▶ **Stored data entries**
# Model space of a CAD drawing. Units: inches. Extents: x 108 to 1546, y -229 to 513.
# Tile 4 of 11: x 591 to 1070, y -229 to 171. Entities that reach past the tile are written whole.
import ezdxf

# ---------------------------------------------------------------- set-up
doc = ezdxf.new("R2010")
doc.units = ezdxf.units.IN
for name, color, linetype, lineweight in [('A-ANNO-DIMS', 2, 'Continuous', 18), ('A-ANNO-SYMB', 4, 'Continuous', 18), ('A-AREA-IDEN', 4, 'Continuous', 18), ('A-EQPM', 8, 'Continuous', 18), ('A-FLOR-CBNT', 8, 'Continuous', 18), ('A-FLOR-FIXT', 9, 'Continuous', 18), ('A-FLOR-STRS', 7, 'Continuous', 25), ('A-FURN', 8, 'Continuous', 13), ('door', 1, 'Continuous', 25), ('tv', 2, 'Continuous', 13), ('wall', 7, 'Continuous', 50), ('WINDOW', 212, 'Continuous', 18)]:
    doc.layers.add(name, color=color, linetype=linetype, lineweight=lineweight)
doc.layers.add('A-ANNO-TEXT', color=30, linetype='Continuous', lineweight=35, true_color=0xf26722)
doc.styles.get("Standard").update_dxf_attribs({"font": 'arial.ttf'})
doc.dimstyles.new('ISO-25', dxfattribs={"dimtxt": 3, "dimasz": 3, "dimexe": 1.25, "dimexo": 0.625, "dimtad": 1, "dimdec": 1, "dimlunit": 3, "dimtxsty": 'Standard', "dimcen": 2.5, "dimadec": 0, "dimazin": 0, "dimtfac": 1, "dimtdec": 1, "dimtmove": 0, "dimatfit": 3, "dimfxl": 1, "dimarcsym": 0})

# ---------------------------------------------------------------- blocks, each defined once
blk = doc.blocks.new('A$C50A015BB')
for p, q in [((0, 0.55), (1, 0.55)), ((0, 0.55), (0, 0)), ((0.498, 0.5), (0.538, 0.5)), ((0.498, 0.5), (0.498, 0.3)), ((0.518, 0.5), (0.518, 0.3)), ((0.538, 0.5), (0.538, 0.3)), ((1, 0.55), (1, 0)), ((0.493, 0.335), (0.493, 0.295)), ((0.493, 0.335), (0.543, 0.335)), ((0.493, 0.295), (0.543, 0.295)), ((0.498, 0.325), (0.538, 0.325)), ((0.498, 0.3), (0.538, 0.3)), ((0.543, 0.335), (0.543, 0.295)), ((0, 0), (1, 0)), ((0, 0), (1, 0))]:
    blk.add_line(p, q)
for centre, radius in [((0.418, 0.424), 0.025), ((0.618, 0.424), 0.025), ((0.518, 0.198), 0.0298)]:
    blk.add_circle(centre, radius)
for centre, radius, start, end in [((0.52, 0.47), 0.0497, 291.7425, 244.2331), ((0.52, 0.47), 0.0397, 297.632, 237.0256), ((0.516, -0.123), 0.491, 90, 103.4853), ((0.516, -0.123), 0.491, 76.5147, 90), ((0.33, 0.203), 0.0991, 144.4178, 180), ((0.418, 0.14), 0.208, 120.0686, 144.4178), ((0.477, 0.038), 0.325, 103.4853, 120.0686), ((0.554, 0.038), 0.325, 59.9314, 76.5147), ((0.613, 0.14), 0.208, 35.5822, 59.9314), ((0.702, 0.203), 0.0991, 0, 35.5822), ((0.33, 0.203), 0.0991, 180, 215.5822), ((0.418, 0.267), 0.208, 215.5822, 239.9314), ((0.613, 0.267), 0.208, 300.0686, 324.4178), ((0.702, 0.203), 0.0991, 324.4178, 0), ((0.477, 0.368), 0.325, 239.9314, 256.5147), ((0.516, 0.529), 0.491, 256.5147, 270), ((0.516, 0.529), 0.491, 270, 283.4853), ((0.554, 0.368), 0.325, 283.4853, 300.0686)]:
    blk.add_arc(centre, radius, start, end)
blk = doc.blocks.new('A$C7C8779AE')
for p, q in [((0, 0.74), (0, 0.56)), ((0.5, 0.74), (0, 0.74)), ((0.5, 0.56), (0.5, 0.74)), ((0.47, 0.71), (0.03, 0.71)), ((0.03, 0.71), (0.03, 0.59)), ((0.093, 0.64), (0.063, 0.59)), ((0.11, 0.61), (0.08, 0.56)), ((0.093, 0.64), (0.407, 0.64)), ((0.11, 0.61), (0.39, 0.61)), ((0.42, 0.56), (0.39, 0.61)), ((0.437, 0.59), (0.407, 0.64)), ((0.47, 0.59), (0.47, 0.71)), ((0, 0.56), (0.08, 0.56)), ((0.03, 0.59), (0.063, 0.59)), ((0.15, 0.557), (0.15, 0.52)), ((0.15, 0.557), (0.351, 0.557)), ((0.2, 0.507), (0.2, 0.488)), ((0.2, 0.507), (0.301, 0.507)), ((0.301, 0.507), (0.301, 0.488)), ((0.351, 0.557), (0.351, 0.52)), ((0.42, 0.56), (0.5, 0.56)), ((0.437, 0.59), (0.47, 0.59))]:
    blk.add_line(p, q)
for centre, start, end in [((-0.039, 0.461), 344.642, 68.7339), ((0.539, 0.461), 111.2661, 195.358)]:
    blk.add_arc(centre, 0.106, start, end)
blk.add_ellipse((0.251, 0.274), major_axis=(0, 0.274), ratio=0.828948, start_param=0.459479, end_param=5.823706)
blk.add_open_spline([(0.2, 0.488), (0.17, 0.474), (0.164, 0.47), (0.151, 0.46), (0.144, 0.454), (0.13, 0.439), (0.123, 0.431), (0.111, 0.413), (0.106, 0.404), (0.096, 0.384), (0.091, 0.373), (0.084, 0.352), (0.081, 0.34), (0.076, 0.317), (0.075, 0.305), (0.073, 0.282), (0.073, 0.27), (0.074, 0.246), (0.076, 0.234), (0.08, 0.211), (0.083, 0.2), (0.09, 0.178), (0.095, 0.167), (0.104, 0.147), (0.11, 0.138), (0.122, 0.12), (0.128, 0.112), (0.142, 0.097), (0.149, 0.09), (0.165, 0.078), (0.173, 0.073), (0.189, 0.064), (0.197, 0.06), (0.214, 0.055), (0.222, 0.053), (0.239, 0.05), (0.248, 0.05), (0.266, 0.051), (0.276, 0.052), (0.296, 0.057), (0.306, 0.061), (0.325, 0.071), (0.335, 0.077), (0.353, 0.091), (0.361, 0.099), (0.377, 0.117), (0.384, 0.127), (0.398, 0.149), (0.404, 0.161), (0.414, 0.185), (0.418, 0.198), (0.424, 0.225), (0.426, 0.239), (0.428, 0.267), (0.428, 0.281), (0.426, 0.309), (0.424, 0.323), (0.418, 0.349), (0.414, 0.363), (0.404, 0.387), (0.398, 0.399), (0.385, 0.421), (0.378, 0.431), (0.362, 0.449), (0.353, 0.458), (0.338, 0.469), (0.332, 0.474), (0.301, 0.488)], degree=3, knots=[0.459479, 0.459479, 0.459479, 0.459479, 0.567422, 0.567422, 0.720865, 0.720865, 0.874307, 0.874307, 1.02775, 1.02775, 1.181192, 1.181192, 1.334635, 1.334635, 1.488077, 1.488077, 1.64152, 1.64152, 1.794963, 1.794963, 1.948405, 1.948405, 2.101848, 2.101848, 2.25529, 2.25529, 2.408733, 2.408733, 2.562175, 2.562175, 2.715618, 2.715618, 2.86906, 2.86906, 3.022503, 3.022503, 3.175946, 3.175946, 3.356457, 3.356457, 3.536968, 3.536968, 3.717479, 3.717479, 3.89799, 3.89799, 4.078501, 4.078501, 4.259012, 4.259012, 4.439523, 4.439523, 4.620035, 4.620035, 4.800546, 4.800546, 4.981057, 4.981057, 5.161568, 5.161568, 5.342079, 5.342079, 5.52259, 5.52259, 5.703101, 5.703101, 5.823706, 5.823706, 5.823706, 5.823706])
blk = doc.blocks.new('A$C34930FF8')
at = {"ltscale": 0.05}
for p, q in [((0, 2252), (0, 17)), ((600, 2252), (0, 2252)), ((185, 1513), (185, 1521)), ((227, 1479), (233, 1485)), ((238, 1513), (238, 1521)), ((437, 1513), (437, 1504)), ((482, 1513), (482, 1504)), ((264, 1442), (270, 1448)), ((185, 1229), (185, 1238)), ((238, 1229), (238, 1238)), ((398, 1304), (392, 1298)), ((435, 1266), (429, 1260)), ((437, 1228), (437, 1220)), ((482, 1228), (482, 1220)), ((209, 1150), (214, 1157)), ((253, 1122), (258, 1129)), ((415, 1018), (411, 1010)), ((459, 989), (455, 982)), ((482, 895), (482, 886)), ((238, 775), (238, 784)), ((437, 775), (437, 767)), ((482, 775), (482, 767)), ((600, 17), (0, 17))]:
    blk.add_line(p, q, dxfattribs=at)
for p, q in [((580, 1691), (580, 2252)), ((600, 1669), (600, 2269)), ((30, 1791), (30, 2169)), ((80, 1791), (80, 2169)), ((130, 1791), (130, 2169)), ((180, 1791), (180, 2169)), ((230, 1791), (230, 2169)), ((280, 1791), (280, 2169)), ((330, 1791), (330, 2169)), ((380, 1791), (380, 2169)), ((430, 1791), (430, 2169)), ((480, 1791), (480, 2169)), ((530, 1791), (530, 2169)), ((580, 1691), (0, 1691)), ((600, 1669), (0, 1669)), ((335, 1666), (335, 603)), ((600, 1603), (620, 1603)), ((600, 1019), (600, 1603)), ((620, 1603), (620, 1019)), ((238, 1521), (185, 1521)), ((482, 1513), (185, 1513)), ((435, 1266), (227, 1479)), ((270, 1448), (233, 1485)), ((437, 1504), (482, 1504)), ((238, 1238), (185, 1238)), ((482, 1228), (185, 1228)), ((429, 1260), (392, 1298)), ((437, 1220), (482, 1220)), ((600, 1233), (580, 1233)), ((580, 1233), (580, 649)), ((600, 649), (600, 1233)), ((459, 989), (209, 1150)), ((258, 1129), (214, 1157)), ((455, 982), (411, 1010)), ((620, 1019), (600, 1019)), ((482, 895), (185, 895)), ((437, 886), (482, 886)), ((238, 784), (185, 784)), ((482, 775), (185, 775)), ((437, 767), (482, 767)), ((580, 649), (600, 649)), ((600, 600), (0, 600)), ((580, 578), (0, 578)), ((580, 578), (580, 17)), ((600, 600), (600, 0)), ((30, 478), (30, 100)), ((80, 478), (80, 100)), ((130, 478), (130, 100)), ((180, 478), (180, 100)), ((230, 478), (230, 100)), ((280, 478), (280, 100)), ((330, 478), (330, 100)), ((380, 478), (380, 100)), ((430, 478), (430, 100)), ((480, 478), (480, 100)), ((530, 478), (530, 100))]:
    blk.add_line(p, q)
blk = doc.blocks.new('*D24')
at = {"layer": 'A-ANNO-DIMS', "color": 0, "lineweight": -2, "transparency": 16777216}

▶ **EXERCISE AIM**
Please transcribe the data exactly from its first line. End with the line that contains "doc.units = ezdxf.units.IN".

▶ **TASK RESPONSE**
# Model space of a CAD drawing. Units: inches. Extents: x 108 to 1546, y -229 to 513.
# Tile 4 of 11: x 591 to 1070, y -229 to 171. Entities that reach past the tile are written whole.
import ezdxf

# ---------------------------------------------------------------- set-up
doc = ezdxf.new("R2010")
doc.units = ezdxf.units.IN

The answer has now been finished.